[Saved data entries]
■ ■ ■ ■

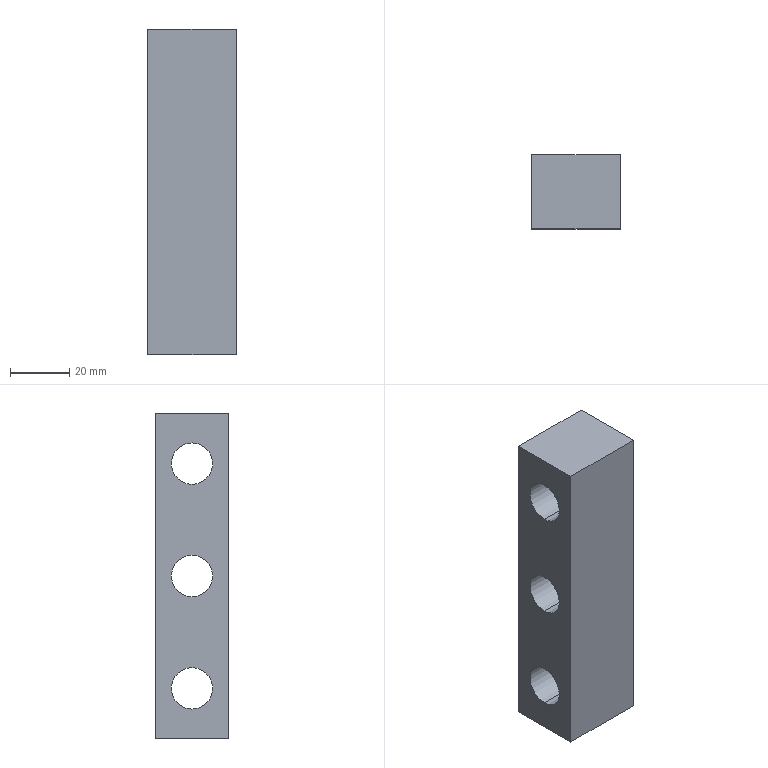Component | SolidWorks | CS021-A10-A005-3 | 1 solid | 44 faces | box 30 x 25 x 110 mm | volume 67025 mm3 | cylinder 22 | cone 16 | plane 6 | commonest cylinder face diameters 4.2 x16 14 x6 | material Q235
build123d program:
from build123d import *

# Parameters (mm, degrees)
SKETCH1_W             = 110
SKETCH1_H             = 25
BOSS_EXTRUDE1_DEPTH   = 15
SKETCH2_R             = 7
CUT_EXTRUDE1_DEPTH    = 64.885
M5_TAPPED_HOLE1_D     = 4.2
M5_TAPPED_HOLE1_DEPTH = 14
M5_TAPPED_HOLE1_TIP   = 1.262
M5_TAPPED_HOLE2_D     = 4.2
M5_TAPPED_HOLE2_DEPTH = 14.4
M5_TAPPED_HOLE2_TIP   = 1.262


with BuildPart() as part:
    # Sketch1 → Boss-Extrude1 (new, symmetric)
    with BuildSketch(Plane.XY):
        Rectangle(SKETCH1_W, SKETCH1_H)
    extrude(amount=BOSS_EXTRUDE1_DEPTH, both=True)

    # Sketch2 → Cut-Extrude1 (cut, through all)
    with BuildSketch(Plane.XY.offset(15)):
        with Locations((-38, 0)):
            Circle(SKETCH2_R)
        Circle(SKETCH2_R)
        with Locations(Location((38, 0, 0), (0, 0, 180))):
            Circle(SKETCH2_R)
    extrude(amount=-CUT_EXTRUDE1_DEPTH, mode=Mode.SUBTRACT)

    # M5 Tapped Hole1
    with Locations(Plane(origin=(0, 12.5, 0), x_dir=(1, 0, 0), z_dir=(0, 1, 0))):
        with Locations((15, 10), (15, -10), (-15, -10), (-15, 10)):
            Hole(M5_TAPPED_HOLE1_D / 2, depth=M5_TAPPED_HOLE1_DEPTH)
            with Locations((0, 0, -(M5_TAPPED_HOLE1_DEPTH + M5_TAPPED_HOLE1_TIP / 2))):  # 118° drill point
                Cone(0, M5_TAPPED_HOLE1_D / 2, M5_TAPPED_HOLE1_TIP, mode=Mode.SUBTRACT)

    # M5 Tapped Hole2
    with Locations(Plane(origin=(0, 12.5, 0), x_dir=(1, 0, 0), z_dir=(0, 1, 0))):
        with Locations((-25, 9), (25, 9), (25, -9), (-25, -9)):
            Hole(M5_TAPPED_HOLE2_D / 2, depth=M5_TAPPED_HOLE2_DEPTH)
            with Locations((0, 0, -(M5_TAPPED_HOLE2_DEPTH + M5_TAPPED_HOLE2_TIP / 2))):  # 118° drill point
                Cone(0, M5_TAPPED_HOLE2_D / 2, M5_TAPPED_HOLE2_TIP, mode=Mode.SUBTRACT)


solid = part.part

# Placed as in the assembly
solid = solid.moved(Location((152.449, 84.817, 0), (0, 90, 0)))

■ ■ ■ ■

▶ _TASK INSTRUCTIONS_
Which lines above hold the string "SUBTRACT"? Show each of them.

▶ _RESPONSE BELOW_
    extrude(amount=-CUT_EXTRUDE1_DEPTH, mode=Mode.SUBTRACT)
                Cone(0, M5_TAPPED_HOLE1_D / 2, M5_TAPPED_HOLE1_TIP, mode=Mode.SUBTRACT)
                Cone(0, M5_TAPPED_HOLE2_D / 2, M5_TAPPED_HOLE2_TIP, mode=Mode.SUBTRACT)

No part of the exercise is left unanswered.